Records from a data collection
───

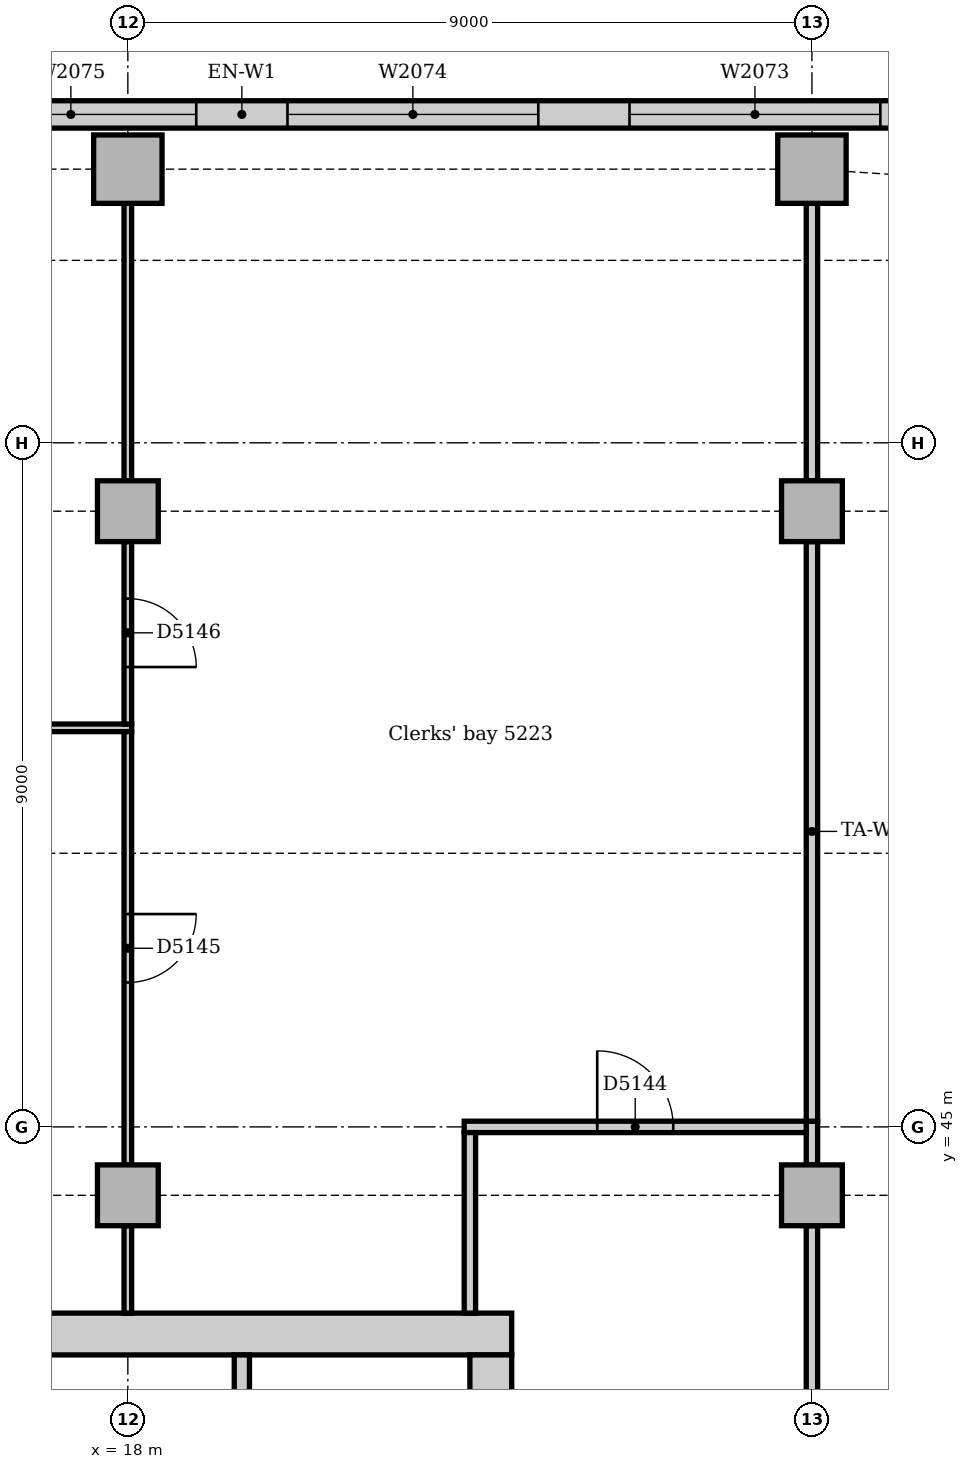
"""IFC4 building model, lengths in metres.
Left out: names, types, materials, properties, quantities, classifications, styles, units other than length and angle.
Written with IfcOpenShell. Run it as: python <this file> out.ifc"""

import sys

from ifc_helpers import new_model, si_unit, direction, frame, frame_2d, origin, origin_2d, place, context, subcontext, project, spatial, rectangle, extrude, element, fill, save


model = new_model("IFC4")
c1 = context("Model", 3, precision=1e-05, world=origin(), true_north=direction((0.0, 1.0)))
c2 = subcontext(c1, "Body", "Model", "MODEL_VIEW")
j1 = project(units=[si_unit("LENGTHUNIT", "METRE"), si_unit("PLANEANGLEUNIT", "RADIAN")], contexts=[c1])
p1 = place(None, origin())
s1 = spatial("IfcSite", under=j1, at=p1, CompositionType="ELEMENT")
p2 = place(p1, origin())
s2 = spatial("IfcBuilding", under=s1, at=p2, CompositionType="ELEMENT")
p3 = place(p2, frame((0.0, 0.0, 218.0)))
s3 = spatial("IfcBuildingStorey", under=s2, at=p3, CompositionType="ELEMENT", Elevation=218.0)
p4 = place(p3, frame((23.05, 42.275, 0.0), z_axis=(0.0, 0.0, 1.0), x_axis=(-1.0, 0.0, 0.0)))
e1 = element("IfcWall", 1, at=p4, inside=s3, PredefinedType="SOLIDWALL", context=c2, shape_type="SweptSolid", body=[
    extrude(rectangle(XDim=19.1, YDim=0.55, at=frame_2d((9.55, 0.0))), origin(), (0.0, 0.0, 1.0), 4.0),
])
p5 = place(p3, frame((22.775, 31.5, 0.0), z_axis=(0.0, 0.0, 1.0), x_axis=(0.0, 1.0, 0.0)))
e2 = element("IfcWall", 2, at=p5, inside=s3, PredefinedType="SOLIDWALL", context=c2, shape_type="SweptSolid", body=[
    extrude(rectangle(XDim=10.5, YDim=0.55, at=frame_2d((5.25, 0.0))), origin(), (0.0, 0.0, 1.0), 4.0),
])
p6 = place(p5, frame((3.15, 0.0, 0.0)))
e3 = element("IfcOpeningElement", 3, at=p6, cuts=e2, PredefinedType="OPENING", context=c2, shape_type="SweptSolid", body=[
    extrude(rectangle(XDim=1.0, YDim=2.1, at=frame_2d((0.5, 1.05))), frame((0.0, 0.285, 0.0), z_axis=(0.0, -1.0, 0.0), x_axis=(1.0, 0.0, 0.0)), (0.0, 0.0, 1.0), 0.57),
])
p7 = place(p5, frame((5.2, 0.0, 0.0)))
e4 = element("IfcOpeningElement", 4, at=p7, cuts=e2, PredefinedType="OPENING", context=c2, shape_type="SweptSolid", body=[
    extrude(rectangle(XDim=1.0, YDim=2.1, at=frame_2d((0.5, 1.05))), frame((0.0, 0.285, 0.0), z_axis=(0.0, -1.0, 0.0), x_axis=(1.0, 0.0, 0.0)), (0.0, 0.0, 1.0), 0.57),
])
for number, where, z_axis, x_axis in (
    (5, (18.0, 57.6, 0.0), (0.0, 0.0, 1.0), (1.0, 0.0, 0.0)),
    (6, (27.0, 57.6, 0.0), (0.0, 0.0, 1.0), (1.0, 0.0, 0.0)),
):
    element("IfcColumn", number, at=place(p3, frame(where, z_axis=z_axis, x_axis=x_axis)), inside=s3, PredefinedType="COLUMN", context=c2, shape_type="SweptSolid", body=[
        extrude(rectangle(XDim=0.9, YDim=0.9, at=origin_2d()), origin(), (0.0, 0.0, 1.0), 3.85),
    ])
for number, where, z_axis, x_axis in (
    (7, (18.0, 44.1, 0.0), (0.0, 0.0, 1.0), (1.0, 0.0, 0.0)),
    (8, (18.0, 53.1, 0.0), (0.0, 0.0, 1.0), (1.0, 0.0, 0.0)),
    (9, (27.0, 44.1, 0.0), (0.0, 0.0, 1.0), (1.0, 0.0, 0.0)),
    (10, (27.0, 53.1, 0.0), (0.0, 0.0, 1.0), (1.0, 0.0, 0.0)),
):
    element("IfcColumn", number, at=place(p3, frame(where, z_axis=z_axis, x_axis=x_axis)), inside=s3, PredefinedType="COLUMN", context=c2, shape_type="SweptSolid", body=[
        extrude(rectangle(XDim=0.8, YDim=0.8, at=origin_2d()), origin(), (0.0, 0.0, 1.0), 3.85),
    ])
p8 = place(p3, frame((34.757, 58.32, 0.0), z_axis=(0.0, 0.0, 1.0), x_axis=(-1.0, 0.0, 0.0)))
e11 = element("IfcWall", 11, at=p8, inside=s3, PredefinedType="STANDARD", context=c2, shape_type="SweptSolid", body=[
    extrude(rectangle(XDim=30.515, YDim=0.36, at=frame_2d((15.257, 0.0))), origin(), (0.0, 0.0, 1.0), 3.85),
])
p9 = place(p8, frame((2.357, 0.0, 0.9)))
e12 = element("IfcOpeningElement", 12, at=p9, cuts=e11, PredefinedType="OPENING", context=c2, shape_type="SweptSolid", body=[
    extrude(rectangle(XDim=3.3, YDim=1.6, at=frame_2d((1.65, 0.8))), frame((0.0, 0.19, 0.0), z_axis=(0.0, -1.0, 0.0), x_axis=(1.0, 0.0, 0.0)), (0.0, 0.0, 1.0), 0.38),
])
p10 = place(p8, frame((6.857, 0.0, 0.9)))
e13 = element("IfcOpeningElement", 13, at=p10, cuts=e11, PredefinedType="OPENING", context=c2, shape_type="SweptSolid", body=[
    extrude(rectangle(XDim=3.3, YDim=1.6, at=frame_2d((1.65, 0.8))), frame((0.0, 0.19, 0.0), z_axis=(0.0, -1.0, 0.0), x_axis=(1.0, 0.0, 0.0)), (0.0, 0.0, 1.0), 0.38),
])
p11 = place(p8, frame((11.357, 0.0, 0.9)))
e14 = element("IfcOpeningElement", 14, at=p11, cuts=e11, PredefinedType="OPENING", context=c2, shape_type="SweptSolid", body=[
    extrude(rectangle(XDim=3.3, YDim=1.6, at=frame_2d((1.65, 0.8))), frame((0.0, 0.19, 0.0), z_axis=(0.0, -1.0, 0.0), x_axis=(1.0, 0.0, 0.0)), (0.0, 0.0, 1.0), 0.38),
])
p12 = place(p8, frame((15.857, 0.0, 0.9)))
e15 = element("IfcOpeningElement", 15, at=p12, cuts=e11, PredefinedType="OPENING", context=c2, shape_type="SweptSolid", body=[
    extrude(rectangle(XDim=3.3, YDim=1.6, at=frame_2d((1.65, 0.8))), frame((0.0, 0.19, 0.0), z_axis=(0.0, -1.0, 0.0), x_axis=(1.0, 0.0, 0.0)), (0.0, 0.0, 1.0), 0.38),
])
p13 = place(p8, frame((20.357, 0.0, 0.9)))
e16 = element("IfcOpeningElement", 16, at=p13, cuts=e11, PredefinedType="OPENING", context=c2, shape_type="SweptSolid", body=[
    extrude(rectangle(XDim=3.3, YDim=1.6, at=frame_2d((1.65, 0.8))), frame((0.0, 0.19, 0.0), z_axis=(0.0, -1.0, 0.0), x_axis=(1.0, 0.0, 0.0)), (0.0, 0.0, 1.0), 0.38),
])
p14 = place(p8, frame((24.857, 0.0, 0.9)))
e17 = element("IfcOpeningElement", 17, at=p14, cuts=e11, PredefinedType="OPENING", context=c2, shape_type="SweptSolid", body=[
    extrude(rectangle(XDim=3.3, YDim=1.6, at=frame_2d((1.65, 0.8))), frame((0.0, 0.19, 0.0), z_axis=(0.0, -1.0, 0.0), x_axis=(1.0, 0.0, 0.0)), (0.0, 0.0, 1.0), 0.38),
])
p15 = place(p3, frame((19.5, 38.6, 0.0), z_axis=(0.0, 0.0, 1.0), x_axis=(0.0, 1.0, 0.0)))
e18 = element("IfcWall", 18, at=p15, inside=s3, PredefinedType="PARTITIONING", context=c2, shape_type="SweptSolid", body=[
    extrude(rectangle(XDim=3.4, YDim=0.2, at=frame_2d((1.7, 0.0))), origin(), (0.0, 0.0, 1.0), 3.85),
])
p16 = place(p3, frame((27.0, 36.4, 0.0), z_axis=(0.0, 0.0, 1.0), x_axis=(0.0, 1.0, 0.0)))
e19 = element("IfcWall", 19, at=p16, inside=s3, PredefinedType="PARTITIONING", context=c2, shape_type="SweptSolid", body=[
    extrude(rectangle(XDim=7.3, YDim=0.15, at=frame_2d((3.65, 0.0))), origin(), (0.0, 0.0, 1.0), 3.35),
])
p17 = place(p3, frame((27.0, 44.5, 0.0), z_axis=(0.0, 0.0, 1.0), x_axis=(0.0, 1.0, 0.0)))
e20 = element("IfcWall", 20, at=p17, inside=s3, PredefinedType="PARTITIONING", context=c2, shape_type="SweptSolid", body=[
    extrude(rectangle(XDim=0.575, YDim=0.15, at=frame_2d((0.287, 0.0))), origin(), (0.0, 0.0, 1.0), 3.35),
])
p18 = place(p3, frame((22.425, 45.0, 0.0), z_axis=(0.0, 0.0, 1.0), x_axis=(1.0, 0.0, 0.0)))
e21 = element("IfcWall", 21, at=p18, inside=s3, PredefinedType="PARTITIONING", context=c2, shape_type="SweptSolid", body=[
    extrude(rectangle(XDim=4.5, YDim=0.15, at=frame_2d((2.25, 0.0))), origin(), (0.0, 0.0, 1.0), 3.85),
])
p19 = place(p18, frame((1.75, 0.0, 0.0)))
e22 = element("IfcOpeningElement", 22, at=p19, cuts=e21, PredefinedType="OPENING", context=c2, shape_type="SweptSolid", body=[
    extrude(rectangle(XDim=1.0, YDim=2.1, at=frame_2d((0.5, 1.05))), frame((0.0, 0.085, 0.0), z_axis=(0.0, -1.0, 0.0), x_axis=(1.0, 0.0, 0.0)), (0.0, 0.0, 1.0), 0.17),
])
p20 = place(p3, frame((22.5, 42.55, 0.0), z_axis=(0.0, 0.0, 1.0), x_axis=(0.0, 1.0, 0.0)))
e23 = element("IfcWall", 23, at=p20, inside=s3, PredefinedType="PARTITIONING", context=c2, shape_type="SweptSolid", body=[
    extrude(rectangle(XDim=2.375, YDim=0.15, at=frame_2d((1.188, 0.0))), origin(), (0.0, 0.0, 1.0), 3.85),
])
p21 = place(p3, frame((27.0, 45.075, 0.0), z_axis=(0.0, 0.0, 1.0), x_axis=(0.0, 1.0, 0.0)))
e24 = element("IfcWall", 24, at=p21, inside=s3, PredefinedType="PARTITIONING", context=c2, shape_type="SweptSolid", body=[
    extrude(rectangle(XDim=7.625, YDim=0.15, at=frame_2d((3.812, 0.0))), origin(), (0.0, 0.0, 1.0), 3.35),
])
p22 = place(p3, frame((27.0, 53.5, 0.0), z_axis=(0.0, 0.0, 1.0), x_axis=(0.0, 1.0, 0.0)))
e25 = element("IfcWall", 25, at=p22, inside=s3, PredefinedType="PARTITIONING", context=c2, shape_type="SweptSolid", body=[
    extrude(rectangle(XDim=3.65, YDim=0.15, at=frame_2d((1.825, 0.0))), origin(), (0.0, 0.0, 1.0), 3.41),
])
p23 = place(p3, frame((0.36, 50.25, 0.0), z_axis=(0.0, 0.0, 1.0), x_axis=(1.0, 0.0, 0.0)))
e26 = element("IfcWall", 26, at=p23, inside=s3, PredefinedType="PARTITIONING", context=c2, shape_type="SweptSolid", body=[
    extrude(rectangle(XDim=17.69, YDim=0.1, at=frame_2d((8.845, 0.0))), origin(), (0.0, 0.0, 1.0), 3.85),
])
p24 = place(p3, frame((18.0, 42.55, 0.0), z_axis=(0.0, 0.0, 1.0), x_axis=(0.0, 1.0, 0.0)))
e27 = element("IfcWall", 27, at=p24, inside=s3, PredefinedType="PARTITIONING", context=c2, shape_type="SweptSolid", body=[
    extrude(rectangle(XDim=1.15, YDim=0.1, at=frame_2d((0.575, 0.0))), origin(), (0.0, 0.0, 1.0), 3.652),
])
p25 = place(p3, frame((18.0, 50.3, 0.0), z_axis=(0.0, 0.0, 1.0), x_axis=(0.0, 1.0, 0.0)))
e28 = element("IfcWall", 28, at=p25, inside=s3, PredefinedType="PARTITIONING", context=c2, shape_type="SweptSolid", body=[
    extrude(rectangle(XDim=2.4, YDim=0.1, at=frame_2d((1.2, 0.0))), origin(), (0.0, 0.0, 1.0), 3.35),
])
p26 = place(p25, frame((0.75, 0.0, 0.0)))
e29 = element("IfcOpeningElement", 29, at=p26, cuts=e28, PredefinedType="OPENING", context=c2, shape_type="SweptSolid", body=[
    extrude(rectangle(XDim=0.9, YDim=2.1, at=frame_2d((0.45, 1.05))), frame((0.0, 0.06, 0.0), z_axis=(0.0, -1.0, 0.0), x_axis=(1.0, 0.0, 0.0)), (0.0, 0.0, 1.0), 0.12),
])
p27 = place(p3, frame((18.0, 44.5, 0.0), z_axis=(0.0, 0.0, 1.0), x_axis=(0.0, 1.0, 0.0)))
e30 = element("IfcWall", 30, at=p27, inside=s3, PredefinedType="PARTITIONING", context=c2, shape_type="SweptSolid", body=[
    extrude(rectangle(XDim=5.7, YDim=0.1, at=frame_2d((2.85, 0.0))), origin(), (0.0, 0.0, 1.0), 3.35),
])
p28 = place(p27, frame((2.4, 0.0, 0.0)))
e31 = element("IfcOpeningElement", 31, at=p28, cuts=e30, PredefinedType="OPENING", context=c2, shape_type="SweptSolid", body=[
    extrude(rectangle(XDim=0.9, YDim=2.1, at=frame_2d((0.45, 1.05))), frame((0.0, 0.06, 0.0), z_axis=(0.0, -1.0, 0.0), x_axis=(1.0, 0.0, 0.0)), (0.0, 0.0, 1.0), 0.12),
])
p29 = place(p3, frame((18.0, 53.5, 0.0), z_axis=(0.0, 0.0, 1.0), x_axis=(0.0, 1.0, 0.0)))
e32 = element("IfcWall", 32, at=p29, inside=s3, PredefinedType="PARTITIONING", context=c2, shape_type="SweptSolid", body=[
    extrude(rectangle(XDim=3.65, YDim=0.1, at=frame_2d((1.825, 0.0))), origin(), (0.0, 0.0, 1.0), 3.41),
])
p30 = place(p10, origin())
e33 = element("IfcWindow", 33, at=p30, inside=s3, PartitioningType="SINGLE_PANEL", PredefinedType="WINDOW", context=c2, shape_type="SweptSolid", body=[
    extrude(rectangle(XDim=3.3, YDim=1.6, at=frame_2d((1.65, 0.8))), frame((0.0, 0.13, 0.0), z_axis=(0.0, -1.0, 0.0), x_axis=(1.0, 0.0, 0.0)), (0.0, 0.0, 1.0), 0.06),
])
fill(e13, e33)
p31 = place(p11, origin())
e34 = element("IfcWindow", 34, at=p31, inside=s3, PartitioningType="SINGLE_PANEL", PredefinedType="WINDOW", context=c2, shape_type="SweptSolid", body=[
    extrude(rectangle(XDim=3.3, YDim=1.6, at=frame_2d((1.65, 0.8))), frame((0.0, 0.13, 0.0), z_axis=(0.0, -1.0, 0.0), x_axis=(1.0, 0.0, 0.0)), (0.0, 0.0, 1.0), 0.06),
])
fill(e14, e34)
p32 = place(p12, origin())
e35 = element("IfcWindow", 35, at=p32, inside=s3, PartitioningType="SINGLE_PANEL", PredefinedType="WINDOW", context=c2, shape_type="SweptSolid", body=[
    extrude(rectangle(XDim=3.3, YDim=1.6, at=frame_2d((1.65, 0.8))), frame((0.0, 0.13, 0.0), z_axis=(0.0, -1.0, 0.0), x_axis=(1.0, 0.0, 0.0)), (0.0, 0.0, 1.0), 0.06),
])
fill(e15, e35)
p33 = place(p19, origin())
e36 = element("IfcDoor", 36, at=p33, inside=s3, OperationType="SINGLE_SWING_LEFT", PredefinedType="DOOR", context=c2, shape_type="SweptSolid", body=[
    extrude(rectangle(XDim=1.0, YDim=2.1, at=frame_2d((0.5, 1.05))), frame((0.0, 0.025, 0.0), z_axis=(0.0, -1.0, 0.0), x_axis=(1.0, 0.0, 0.0)), (0.0, 0.0, 1.0), 0.05),
])
fill(e22, e36)
p34 = place(p28, frame((0.9, 0.0, 0.0), z_axis=(0.0, 0.0, 1.0), x_axis=(-1.0, 0.0, 0.0)))
e37 = element("IfcDoor", 37, at=p34, inside=s3, OperationType="SINGLE_SWING_LEFT", PredefinedType="DOOR", context=c2, shape_type="SweptSolid", body=[
    extrude(rectangle(XDim=0.9, YDim=2.1, at=frame_2d((0.45, 1.05))), frame((0.0, 0.025, 0.0), z_axis=(0.0, -1.0, 0.0), x_axis=(1.0, 0.0, 0.0)), (0.0, 0.0, 1.0), 0.05),
])
fill(e31, e37)
p35 = place(p26, frame((0.9, 0.0, 0.0), z_axis=(0.0, 0.0, 1.0), x_axis=(-1.0, 0.0, 0.0)))
e38 = element("IfcDoor", 38, at=p35, inside=s3, OperationType="SINGLE_SWING_RIGHT", PredefinedType="DOOR", context=c2, shape_type="SweptSolid", body=[
    extrude(rectangle(XDim=0.9, YDim=2.1, at=frame_2d((0.45, 1.05))), frame((0.0, 0.025, 0.0), z_axis=(0.0, -1.0, 0.0), x_axis=(1.0, 0.0, 0.0)), (0.0, 0.0, 1.0), 0.05),
])
fill(e29, e38)
save(model, sys.argv[1])

───

**Aim of the task:** Write out nothing but the lines from the start of the data through the line with "31.5, 0.0), z_axis=(0.0, 0.0, 1.0), x_axis=(0.0, 1.0, 0.0)))". Leave out the pictures.

**Answer to the exercise:**
"""IFC4 building model, lengths in metres.
Left out: names, types, materials, properties, quantities, classifications, styles, units other than length and angle.
Written with IfcOpenShell. Run it as: python <this file> out.ifc"""

import sys

from ifc_helpers import new_model, si_unit, direction, frame, frame_2d, origin, origin_2d, place, context, subcontext, project, spatial, rectangle, extrude, element, fill, save


model = new_model("IFC4")
c1 = context("Model", 3, precision=1e-05, world=origin(), true_north=direction((0.0, 1.0)))
c2 = subcontext(c1, "Body", "Model", "MODEL_VIEW")
j1 = project(units=[si_unit("LENGTHUNIT", "METRE"), si_unit("PLANEANGLEUNIT", "RADIAN")], contexts=[c1])
p1 = place(None, origin())
s1 = spatial("IfcSite", under=j1, at=p1, CompositionType="ELEMENT")
p2 = place(p1, origin())
s2 = spatial("IfcBuilding", under=s1, at=p2, CompositionType="ELEMENT")
p3 = place(p2, frame((0.0, 0.0, 218.0)))
s3 = spatial("IfcBuildingStorey", under=s2, at=p3, CompositionType="ELEMENT", Elevation=218.0)
p4 = place(p3, frame((23.05, 42.275, 0.0), z_axis=(0.0, 0.0, 1.0), x_axis=(-1.0, 0.0, 0.0)))
e1 = element("IfcWall", 1, at=p4, inside=s3, PredefinedType="SOLIDWALL", context=c2, shape_type="SweptSolid", body=[
    extrude(rectangle(XDim=19.1, YDim=0.55, at=frame_2d((9.55, 0.0))), origin(), (0.0, 0.0, 1.0), 4.0),
])
p5 = place(p3, frame((22.775, 31.5, 0.0), z_axis=(0.0, 0.0, 1.0), x_axis=(0.0, 1.0, 0.0)))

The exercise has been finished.